* What to work on:
In the entries below, find the line with "p9 = place(p8, frame((1.681, 0.0, 1.0)))" and the line with "p11 = place(p10, frame((1.681, 0.0, 1.0)))". Return those two lines and all lines between them, exactly.

── Records shown

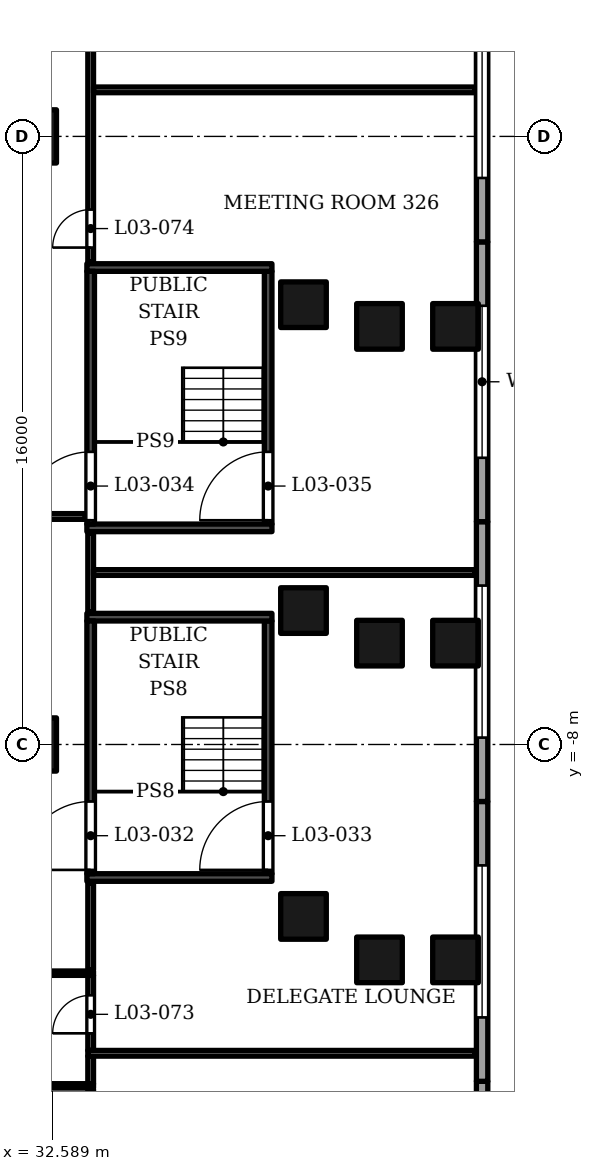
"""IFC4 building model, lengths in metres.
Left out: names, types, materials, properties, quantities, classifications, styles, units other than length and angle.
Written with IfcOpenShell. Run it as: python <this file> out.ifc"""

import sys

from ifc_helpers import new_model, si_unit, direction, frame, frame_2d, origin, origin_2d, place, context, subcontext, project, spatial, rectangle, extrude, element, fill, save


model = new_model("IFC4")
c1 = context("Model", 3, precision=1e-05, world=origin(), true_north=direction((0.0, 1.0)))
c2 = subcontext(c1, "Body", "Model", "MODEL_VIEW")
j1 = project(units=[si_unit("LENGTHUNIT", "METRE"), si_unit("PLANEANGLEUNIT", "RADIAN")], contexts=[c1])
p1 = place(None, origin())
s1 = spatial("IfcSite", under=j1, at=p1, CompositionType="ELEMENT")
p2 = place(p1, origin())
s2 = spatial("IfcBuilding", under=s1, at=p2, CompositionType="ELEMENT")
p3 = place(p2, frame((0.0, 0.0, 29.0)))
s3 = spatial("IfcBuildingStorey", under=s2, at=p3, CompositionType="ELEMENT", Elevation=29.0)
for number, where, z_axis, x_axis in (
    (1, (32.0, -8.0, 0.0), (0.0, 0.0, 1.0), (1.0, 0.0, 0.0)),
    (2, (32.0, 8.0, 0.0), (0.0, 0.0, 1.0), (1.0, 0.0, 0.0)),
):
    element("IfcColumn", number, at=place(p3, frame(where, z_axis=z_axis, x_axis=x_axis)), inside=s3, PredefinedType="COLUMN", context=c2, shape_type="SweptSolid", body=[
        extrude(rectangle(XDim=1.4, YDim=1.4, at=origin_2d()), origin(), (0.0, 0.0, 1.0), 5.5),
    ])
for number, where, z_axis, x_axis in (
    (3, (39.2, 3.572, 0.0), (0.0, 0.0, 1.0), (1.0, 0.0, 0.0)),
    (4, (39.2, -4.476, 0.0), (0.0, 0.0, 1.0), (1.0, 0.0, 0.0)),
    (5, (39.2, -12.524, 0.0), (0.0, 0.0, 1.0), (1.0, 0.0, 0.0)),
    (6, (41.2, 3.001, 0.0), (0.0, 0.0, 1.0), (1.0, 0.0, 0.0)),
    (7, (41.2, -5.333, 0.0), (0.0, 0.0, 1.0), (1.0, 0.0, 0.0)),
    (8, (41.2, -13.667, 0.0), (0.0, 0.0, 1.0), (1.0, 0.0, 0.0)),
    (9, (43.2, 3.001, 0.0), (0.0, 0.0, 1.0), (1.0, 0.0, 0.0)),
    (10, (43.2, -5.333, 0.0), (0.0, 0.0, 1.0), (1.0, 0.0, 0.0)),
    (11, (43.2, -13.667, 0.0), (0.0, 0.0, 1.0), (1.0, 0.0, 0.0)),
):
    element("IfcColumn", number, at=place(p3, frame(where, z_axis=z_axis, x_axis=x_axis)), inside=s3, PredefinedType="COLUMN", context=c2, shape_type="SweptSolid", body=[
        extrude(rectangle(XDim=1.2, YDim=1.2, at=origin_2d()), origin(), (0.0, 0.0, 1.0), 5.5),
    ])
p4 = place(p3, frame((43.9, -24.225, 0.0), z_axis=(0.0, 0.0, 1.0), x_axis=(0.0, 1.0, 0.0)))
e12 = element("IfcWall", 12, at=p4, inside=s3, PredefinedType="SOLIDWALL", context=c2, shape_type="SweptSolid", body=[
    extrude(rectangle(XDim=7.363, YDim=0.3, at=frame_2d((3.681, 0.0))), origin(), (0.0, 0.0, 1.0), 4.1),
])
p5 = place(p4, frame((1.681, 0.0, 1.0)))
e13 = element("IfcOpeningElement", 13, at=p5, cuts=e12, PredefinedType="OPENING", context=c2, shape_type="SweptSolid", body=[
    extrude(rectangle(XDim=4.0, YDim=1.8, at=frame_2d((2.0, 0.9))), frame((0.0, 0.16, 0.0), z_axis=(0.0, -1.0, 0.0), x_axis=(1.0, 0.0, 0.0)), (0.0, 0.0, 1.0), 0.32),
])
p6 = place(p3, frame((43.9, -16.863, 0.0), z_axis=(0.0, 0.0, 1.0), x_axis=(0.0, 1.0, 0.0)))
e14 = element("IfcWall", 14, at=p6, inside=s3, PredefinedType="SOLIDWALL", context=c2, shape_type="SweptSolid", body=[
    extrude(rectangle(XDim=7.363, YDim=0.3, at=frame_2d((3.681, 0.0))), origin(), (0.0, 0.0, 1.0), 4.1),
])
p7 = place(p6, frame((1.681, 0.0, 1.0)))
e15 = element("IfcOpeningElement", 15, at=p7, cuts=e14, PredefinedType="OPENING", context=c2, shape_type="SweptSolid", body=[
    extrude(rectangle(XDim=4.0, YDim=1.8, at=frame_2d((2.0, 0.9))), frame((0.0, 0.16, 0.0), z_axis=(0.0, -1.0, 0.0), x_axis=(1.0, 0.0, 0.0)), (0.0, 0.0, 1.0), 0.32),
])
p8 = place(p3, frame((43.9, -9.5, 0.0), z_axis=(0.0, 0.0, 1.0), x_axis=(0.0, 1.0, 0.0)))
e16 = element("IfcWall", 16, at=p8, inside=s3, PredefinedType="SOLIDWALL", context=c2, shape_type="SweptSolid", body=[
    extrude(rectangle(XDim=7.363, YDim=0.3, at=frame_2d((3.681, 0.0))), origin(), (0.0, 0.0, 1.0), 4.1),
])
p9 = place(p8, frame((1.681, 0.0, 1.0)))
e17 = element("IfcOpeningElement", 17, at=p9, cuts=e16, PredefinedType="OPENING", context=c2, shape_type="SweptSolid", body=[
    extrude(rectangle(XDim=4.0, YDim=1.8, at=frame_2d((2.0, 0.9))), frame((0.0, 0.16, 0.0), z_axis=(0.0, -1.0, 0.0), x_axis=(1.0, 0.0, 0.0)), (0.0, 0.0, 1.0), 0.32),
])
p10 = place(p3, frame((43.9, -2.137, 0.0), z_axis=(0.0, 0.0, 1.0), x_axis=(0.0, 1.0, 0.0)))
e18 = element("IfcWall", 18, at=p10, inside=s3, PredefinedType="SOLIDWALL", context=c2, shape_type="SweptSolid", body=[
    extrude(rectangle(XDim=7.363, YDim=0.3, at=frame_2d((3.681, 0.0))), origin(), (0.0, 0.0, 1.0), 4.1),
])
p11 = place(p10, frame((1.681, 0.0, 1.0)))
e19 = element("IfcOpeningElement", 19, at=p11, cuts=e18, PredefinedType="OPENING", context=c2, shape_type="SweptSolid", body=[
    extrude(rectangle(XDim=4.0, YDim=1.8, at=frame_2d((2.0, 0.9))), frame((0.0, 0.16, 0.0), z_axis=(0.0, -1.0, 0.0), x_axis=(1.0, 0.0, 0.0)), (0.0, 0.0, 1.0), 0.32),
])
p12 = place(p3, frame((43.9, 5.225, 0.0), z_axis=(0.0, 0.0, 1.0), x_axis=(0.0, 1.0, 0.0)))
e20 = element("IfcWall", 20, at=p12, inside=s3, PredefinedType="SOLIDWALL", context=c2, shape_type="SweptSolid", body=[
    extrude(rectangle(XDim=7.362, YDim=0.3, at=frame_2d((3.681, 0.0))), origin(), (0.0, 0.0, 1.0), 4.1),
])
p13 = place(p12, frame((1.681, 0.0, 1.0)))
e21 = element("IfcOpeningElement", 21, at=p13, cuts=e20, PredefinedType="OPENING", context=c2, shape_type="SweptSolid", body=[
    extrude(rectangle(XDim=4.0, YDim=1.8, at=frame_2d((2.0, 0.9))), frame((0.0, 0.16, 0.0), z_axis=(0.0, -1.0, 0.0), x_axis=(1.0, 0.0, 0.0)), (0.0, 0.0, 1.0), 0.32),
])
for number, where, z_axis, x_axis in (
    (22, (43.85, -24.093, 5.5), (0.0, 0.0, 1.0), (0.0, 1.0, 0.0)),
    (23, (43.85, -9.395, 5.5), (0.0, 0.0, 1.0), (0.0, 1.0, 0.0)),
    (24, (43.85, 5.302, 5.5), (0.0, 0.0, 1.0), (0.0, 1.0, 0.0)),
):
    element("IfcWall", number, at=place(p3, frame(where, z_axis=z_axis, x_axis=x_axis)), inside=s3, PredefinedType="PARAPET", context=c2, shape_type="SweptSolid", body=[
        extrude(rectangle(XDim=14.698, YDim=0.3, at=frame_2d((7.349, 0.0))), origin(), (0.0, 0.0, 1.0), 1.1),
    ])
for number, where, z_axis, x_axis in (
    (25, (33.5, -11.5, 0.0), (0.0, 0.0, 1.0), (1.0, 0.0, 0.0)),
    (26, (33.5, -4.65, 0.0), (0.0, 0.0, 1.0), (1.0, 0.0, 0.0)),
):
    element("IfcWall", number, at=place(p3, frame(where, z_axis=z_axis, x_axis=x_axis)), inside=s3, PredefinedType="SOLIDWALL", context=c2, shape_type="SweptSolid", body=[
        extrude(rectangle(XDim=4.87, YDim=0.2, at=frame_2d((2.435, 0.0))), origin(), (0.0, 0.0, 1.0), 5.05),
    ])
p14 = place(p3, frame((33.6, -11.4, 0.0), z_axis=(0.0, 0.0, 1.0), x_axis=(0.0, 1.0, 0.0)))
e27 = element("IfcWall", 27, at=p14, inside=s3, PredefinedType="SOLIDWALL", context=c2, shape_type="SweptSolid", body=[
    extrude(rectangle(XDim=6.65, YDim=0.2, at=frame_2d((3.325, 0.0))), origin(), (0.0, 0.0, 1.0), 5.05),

────

* Task result:
p9 = place(p8, frame((1.681, 0.0, 1.0)))
e17 = element("IfcOpeningElement", 17, at=p9, cuts=e16, PredefinedType="OPENING", context=c2, shape_type="SweptSolid", body=[
    extrude(rectangle(XDim=4.0, YDim=1.8, at=frame_2d((2.0, 0.9))), frame((0.0, 0.16, 0.0), z_axis=(0.0, -1.0, 0.0), x_axis=(1.0, 0.0, 0.0)), (0.0, 0.0, 1.0), 0.32),
])
p10 = place(p3, frame((43.9, -2.137, 0.0), z_axis=(0.0, 0.0, 1.0), x_axis=(0.0, 1.0, 0.0)))
e18 = element("IfcWall", 18, at=p10, inside=s3, PredefinedType="SOLIDWALL", context=c2, shape_type="SweptSolid", body=[
    extrude(rectangle(XDim=7.363, YDim=0.3, at=frame_2d((3.681, 0.0))), origin(), (0.0, 0.0, 1.0), 4.1),
])
p11 = place(p10, frame((1.681, 0.0, 1.0)))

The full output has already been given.